▸ **Task objective**: Copy out all lines in the material below that contain the string "mode".

▸ **Supplied records**:
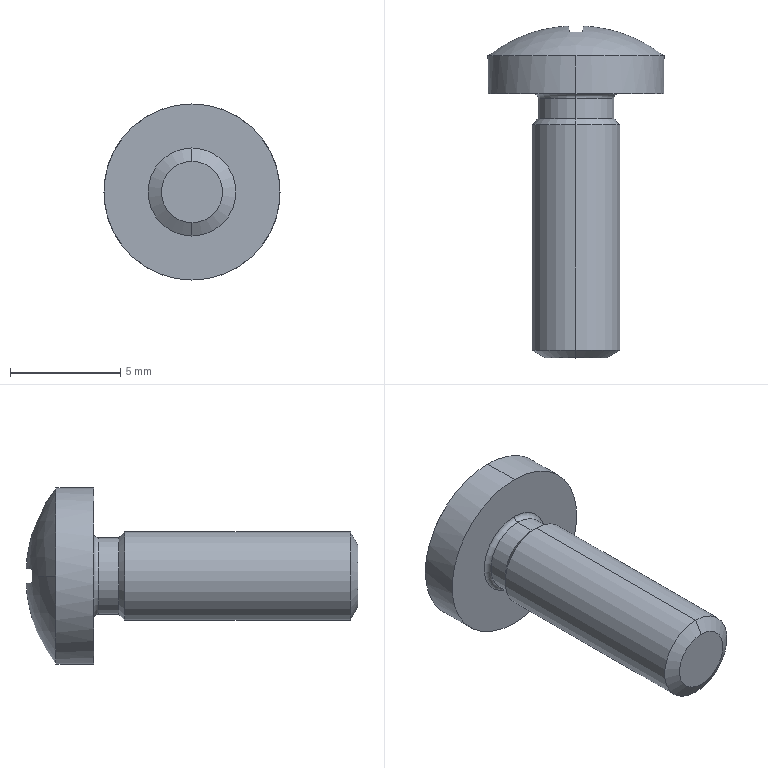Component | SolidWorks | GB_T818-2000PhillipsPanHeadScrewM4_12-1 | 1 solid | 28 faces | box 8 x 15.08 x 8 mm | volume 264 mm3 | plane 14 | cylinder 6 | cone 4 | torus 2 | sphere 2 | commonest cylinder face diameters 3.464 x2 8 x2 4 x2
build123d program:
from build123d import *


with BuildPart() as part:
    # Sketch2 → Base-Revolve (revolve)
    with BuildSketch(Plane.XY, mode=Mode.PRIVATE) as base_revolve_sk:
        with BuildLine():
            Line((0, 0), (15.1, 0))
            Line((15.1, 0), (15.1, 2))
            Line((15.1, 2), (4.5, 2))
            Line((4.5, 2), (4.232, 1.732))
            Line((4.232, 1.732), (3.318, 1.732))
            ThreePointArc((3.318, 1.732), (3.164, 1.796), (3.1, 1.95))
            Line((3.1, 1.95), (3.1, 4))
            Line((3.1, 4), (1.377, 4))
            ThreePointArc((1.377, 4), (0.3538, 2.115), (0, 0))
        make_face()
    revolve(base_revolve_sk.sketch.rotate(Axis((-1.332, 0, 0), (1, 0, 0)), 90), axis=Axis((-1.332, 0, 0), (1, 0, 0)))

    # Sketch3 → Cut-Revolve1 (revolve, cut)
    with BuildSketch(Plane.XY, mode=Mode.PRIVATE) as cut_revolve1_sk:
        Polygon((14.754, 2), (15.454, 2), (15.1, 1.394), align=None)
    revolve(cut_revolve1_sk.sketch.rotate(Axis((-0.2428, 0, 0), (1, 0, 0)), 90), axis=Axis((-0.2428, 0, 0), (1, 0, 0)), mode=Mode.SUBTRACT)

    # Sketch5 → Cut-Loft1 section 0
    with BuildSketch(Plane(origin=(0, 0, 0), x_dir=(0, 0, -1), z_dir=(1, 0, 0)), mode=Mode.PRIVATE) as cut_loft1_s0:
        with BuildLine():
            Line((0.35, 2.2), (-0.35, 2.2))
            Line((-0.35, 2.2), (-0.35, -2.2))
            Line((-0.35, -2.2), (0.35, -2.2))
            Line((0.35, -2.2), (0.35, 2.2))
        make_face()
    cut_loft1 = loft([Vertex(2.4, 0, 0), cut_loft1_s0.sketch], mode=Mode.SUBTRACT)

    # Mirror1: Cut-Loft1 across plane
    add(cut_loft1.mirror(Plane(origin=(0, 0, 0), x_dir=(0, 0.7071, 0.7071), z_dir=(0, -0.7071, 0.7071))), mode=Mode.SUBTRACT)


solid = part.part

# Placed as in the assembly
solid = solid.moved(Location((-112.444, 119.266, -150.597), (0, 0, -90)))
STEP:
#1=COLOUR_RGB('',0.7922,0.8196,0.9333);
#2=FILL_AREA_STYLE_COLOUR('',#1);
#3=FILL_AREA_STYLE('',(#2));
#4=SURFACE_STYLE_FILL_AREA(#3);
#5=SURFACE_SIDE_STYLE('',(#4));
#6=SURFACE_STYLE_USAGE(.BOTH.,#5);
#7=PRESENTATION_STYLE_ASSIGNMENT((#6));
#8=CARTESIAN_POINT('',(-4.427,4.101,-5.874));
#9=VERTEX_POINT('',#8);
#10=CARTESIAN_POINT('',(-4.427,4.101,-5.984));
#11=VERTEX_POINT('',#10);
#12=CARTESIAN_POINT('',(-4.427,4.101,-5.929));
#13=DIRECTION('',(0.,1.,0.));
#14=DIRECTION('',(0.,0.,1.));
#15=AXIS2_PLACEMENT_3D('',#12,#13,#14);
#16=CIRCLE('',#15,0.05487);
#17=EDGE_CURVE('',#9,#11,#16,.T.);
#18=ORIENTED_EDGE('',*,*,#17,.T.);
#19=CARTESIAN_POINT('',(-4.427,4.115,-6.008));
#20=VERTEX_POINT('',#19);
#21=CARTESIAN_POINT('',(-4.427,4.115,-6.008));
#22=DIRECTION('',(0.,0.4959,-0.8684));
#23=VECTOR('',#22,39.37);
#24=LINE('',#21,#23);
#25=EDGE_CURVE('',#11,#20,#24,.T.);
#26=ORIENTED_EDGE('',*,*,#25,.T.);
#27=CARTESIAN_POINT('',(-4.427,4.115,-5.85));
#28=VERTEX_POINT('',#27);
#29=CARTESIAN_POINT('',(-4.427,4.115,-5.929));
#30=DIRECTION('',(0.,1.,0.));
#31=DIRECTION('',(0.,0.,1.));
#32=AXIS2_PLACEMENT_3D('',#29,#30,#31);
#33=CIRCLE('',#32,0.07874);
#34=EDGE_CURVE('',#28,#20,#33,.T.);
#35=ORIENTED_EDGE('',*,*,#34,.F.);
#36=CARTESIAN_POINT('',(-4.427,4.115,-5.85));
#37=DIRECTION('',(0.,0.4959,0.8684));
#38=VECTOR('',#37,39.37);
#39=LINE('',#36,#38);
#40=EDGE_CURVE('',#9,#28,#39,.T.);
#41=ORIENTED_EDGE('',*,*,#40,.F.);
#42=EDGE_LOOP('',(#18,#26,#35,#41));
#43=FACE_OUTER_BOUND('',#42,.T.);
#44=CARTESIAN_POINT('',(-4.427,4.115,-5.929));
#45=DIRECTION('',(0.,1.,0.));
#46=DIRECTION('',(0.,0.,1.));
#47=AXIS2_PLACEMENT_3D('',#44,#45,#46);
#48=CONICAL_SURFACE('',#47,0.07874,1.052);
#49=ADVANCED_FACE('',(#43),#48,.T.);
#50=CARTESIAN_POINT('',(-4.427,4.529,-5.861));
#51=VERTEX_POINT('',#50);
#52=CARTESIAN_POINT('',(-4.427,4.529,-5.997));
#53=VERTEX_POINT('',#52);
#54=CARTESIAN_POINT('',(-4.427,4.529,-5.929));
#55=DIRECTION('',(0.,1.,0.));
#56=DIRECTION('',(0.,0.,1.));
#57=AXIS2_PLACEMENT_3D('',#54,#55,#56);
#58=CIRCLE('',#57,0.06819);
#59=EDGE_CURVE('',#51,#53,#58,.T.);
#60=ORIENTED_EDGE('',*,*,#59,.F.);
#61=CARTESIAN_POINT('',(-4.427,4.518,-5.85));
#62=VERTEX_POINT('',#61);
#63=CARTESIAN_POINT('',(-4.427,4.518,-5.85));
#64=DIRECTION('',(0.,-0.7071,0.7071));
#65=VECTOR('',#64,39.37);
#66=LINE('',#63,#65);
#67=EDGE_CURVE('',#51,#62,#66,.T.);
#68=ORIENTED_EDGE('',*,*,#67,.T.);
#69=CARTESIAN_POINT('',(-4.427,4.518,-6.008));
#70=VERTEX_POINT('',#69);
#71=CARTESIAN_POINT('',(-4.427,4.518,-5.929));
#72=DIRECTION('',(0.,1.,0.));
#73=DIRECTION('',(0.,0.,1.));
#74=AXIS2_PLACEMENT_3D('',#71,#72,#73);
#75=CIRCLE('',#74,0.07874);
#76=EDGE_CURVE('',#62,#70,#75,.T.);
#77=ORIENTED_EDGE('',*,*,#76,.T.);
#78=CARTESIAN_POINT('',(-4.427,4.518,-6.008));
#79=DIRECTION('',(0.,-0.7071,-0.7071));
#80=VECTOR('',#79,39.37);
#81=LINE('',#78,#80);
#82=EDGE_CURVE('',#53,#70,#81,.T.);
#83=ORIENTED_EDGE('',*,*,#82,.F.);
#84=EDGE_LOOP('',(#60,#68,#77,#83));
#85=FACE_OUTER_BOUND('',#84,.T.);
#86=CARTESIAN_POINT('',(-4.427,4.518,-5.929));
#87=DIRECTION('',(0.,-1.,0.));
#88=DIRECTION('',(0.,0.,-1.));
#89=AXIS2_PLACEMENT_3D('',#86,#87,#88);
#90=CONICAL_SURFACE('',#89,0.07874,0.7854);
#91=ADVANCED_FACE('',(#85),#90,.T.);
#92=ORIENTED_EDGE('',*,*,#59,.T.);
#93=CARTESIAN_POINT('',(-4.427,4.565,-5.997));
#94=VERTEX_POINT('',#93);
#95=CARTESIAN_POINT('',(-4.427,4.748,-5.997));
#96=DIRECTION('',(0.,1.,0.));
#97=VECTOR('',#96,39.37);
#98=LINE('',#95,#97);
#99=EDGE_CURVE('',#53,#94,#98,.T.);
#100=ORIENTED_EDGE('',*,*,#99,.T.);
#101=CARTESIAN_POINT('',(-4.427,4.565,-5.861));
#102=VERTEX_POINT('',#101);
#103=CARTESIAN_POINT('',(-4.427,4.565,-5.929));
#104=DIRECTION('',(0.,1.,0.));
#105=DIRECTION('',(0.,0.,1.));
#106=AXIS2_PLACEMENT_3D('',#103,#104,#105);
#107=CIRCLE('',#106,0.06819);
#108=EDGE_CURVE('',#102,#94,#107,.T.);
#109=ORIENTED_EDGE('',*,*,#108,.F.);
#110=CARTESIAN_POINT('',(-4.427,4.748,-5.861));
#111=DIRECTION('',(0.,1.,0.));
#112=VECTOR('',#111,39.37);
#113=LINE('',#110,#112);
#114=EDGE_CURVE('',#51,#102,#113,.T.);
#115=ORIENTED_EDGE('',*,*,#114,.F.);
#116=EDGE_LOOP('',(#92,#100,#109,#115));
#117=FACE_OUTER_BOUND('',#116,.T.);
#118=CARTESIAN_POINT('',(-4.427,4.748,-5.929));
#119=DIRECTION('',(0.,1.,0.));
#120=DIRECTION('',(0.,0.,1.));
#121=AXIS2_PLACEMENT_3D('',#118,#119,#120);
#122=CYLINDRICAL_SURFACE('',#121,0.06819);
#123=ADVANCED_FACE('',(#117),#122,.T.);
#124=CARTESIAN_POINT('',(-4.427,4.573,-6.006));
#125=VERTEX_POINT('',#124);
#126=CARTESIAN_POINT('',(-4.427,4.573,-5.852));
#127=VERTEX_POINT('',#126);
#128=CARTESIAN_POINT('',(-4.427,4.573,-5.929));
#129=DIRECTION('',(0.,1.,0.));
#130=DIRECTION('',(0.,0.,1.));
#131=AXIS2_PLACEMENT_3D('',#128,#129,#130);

▸ **Finished task**:
    with BuildSketch(Plane.XY, mode=Mode.PRIVATE) as base_revolve_sk:
    with BuildSketch(Plane.XY, mode=Mode.PRIVATE) as cut_revolve1_sk:
    revolve(cut_revolve1_sk.sketch.rotate(Axis((-0.2428, 0, 0), (1, 0, 0)), 90), axis=Axis((-0.2428, 0, 0), (1, 0, 0)), mode=Mode.SUBTRACT)
    with BuildSketch(Plane(origin=(0, 0, 0), x_dir=(0, 0, -1), z_dir=(1, 0, 0)), mode=Mode.PRIVATE) as cut_loft1_s0:
    cut_loft1 = loft([Vertex(2.4, 0, 0), cut_loft1_s0.sketch], mode=Mode.SUBTRACT)
    add(cut_loft1.mirror(Plane(origin=(0, 0, 0), x_dir=(0, 0.7071, 0.7071), z_dir=(0, -0.7071, 0.7071))), mode=Mode.SUBTRACT)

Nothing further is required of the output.